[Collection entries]
+-------+

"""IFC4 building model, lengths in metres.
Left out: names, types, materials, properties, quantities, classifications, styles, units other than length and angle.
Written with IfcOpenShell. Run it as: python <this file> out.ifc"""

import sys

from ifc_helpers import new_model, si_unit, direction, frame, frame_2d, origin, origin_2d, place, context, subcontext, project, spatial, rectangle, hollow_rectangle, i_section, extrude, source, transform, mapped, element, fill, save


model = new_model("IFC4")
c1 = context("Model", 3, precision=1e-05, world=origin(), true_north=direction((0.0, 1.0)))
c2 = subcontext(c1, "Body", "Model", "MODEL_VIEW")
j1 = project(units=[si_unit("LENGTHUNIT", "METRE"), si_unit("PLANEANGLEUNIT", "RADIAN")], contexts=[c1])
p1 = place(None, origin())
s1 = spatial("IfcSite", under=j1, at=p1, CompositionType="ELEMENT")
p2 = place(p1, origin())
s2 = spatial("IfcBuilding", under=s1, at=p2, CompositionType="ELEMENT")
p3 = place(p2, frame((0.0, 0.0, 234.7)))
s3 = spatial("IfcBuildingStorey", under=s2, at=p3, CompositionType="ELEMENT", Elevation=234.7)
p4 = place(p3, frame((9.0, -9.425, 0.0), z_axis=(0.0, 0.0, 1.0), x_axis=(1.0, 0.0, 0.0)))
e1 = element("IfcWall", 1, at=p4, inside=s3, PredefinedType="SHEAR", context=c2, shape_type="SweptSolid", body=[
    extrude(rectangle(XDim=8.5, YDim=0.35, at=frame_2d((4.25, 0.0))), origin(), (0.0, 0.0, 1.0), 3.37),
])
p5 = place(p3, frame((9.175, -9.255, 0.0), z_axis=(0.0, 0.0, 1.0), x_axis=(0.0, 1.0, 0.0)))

+-------+

The problem
Reply with the complete records, restated exactly.

Finished task
"""IFC4 building model, lengths in metres.
Left out: names, types, materials, properties, quantities, classifications, styles, units other than length and angle.
Written with IfcOpenShell. Run it as: python <this file> out.ifc"""

import sys

from ifc_helpers import new_model, si_unit, direction, frame, frame_2d, origin, origin_2d, place, context, subcontext, project, spatial, rectangle, hollow_rectangle, i_section, extrude, source, transform, mapped, element, fill, save


model = new_model("IFC4")
c1 = context("Model", 3, precision=1e-05, world=origin(), true_north=direction((0.0, 1.0)))
c2 = subcontext(c1, "Body", "Model", "MODEL_VIEW")
j1 = project(units=[si_unit("LENGTHUNIT", "METRE"), si_unit("PLANEANGLEUNIT", "RADIAN")], contexts=[c1])
p1 = place(None, origin())
s1 = spatial("IfcSite", under=j1, at=p1, CompositionType="ELEMENT")
p2 = place(p1, origin())
s2 = spatial("IfcBuilding", under=s1, at=p2, CompositionType="ELEMENT")
p3 = place(p2, frame((0.0, 0.0, 234.7)))
s3 = spatial("IfcBuildingStorey", under=s2, at=p3, CompositionType="ELEMENT", Elevation=234.7)
p4 = place(p3, frame((9.0, -9.425, 0.0), z_axis=(0.0, 0.0, 1.0), x_axis=(1.0, 0.0, 0.0)))
e1 = element("IfcWall", 1, at=p4, inside=s3, PredefinedType="SHEAR", context=c2, shape_type="SweptSolid", body=[
    extrude(rectangle(XDim=8.5, YDim=0.35, at=frame_2d((4.25, 0.0))), origin(), (0.0, 0.0, 1.0), 3.37),
])
p5 = place(p3, frame((9.175, -9.255, 0.0), z_axis=(0.0, 0.0, 1.0), x_axis=(0.0, 1.0, 0.0)))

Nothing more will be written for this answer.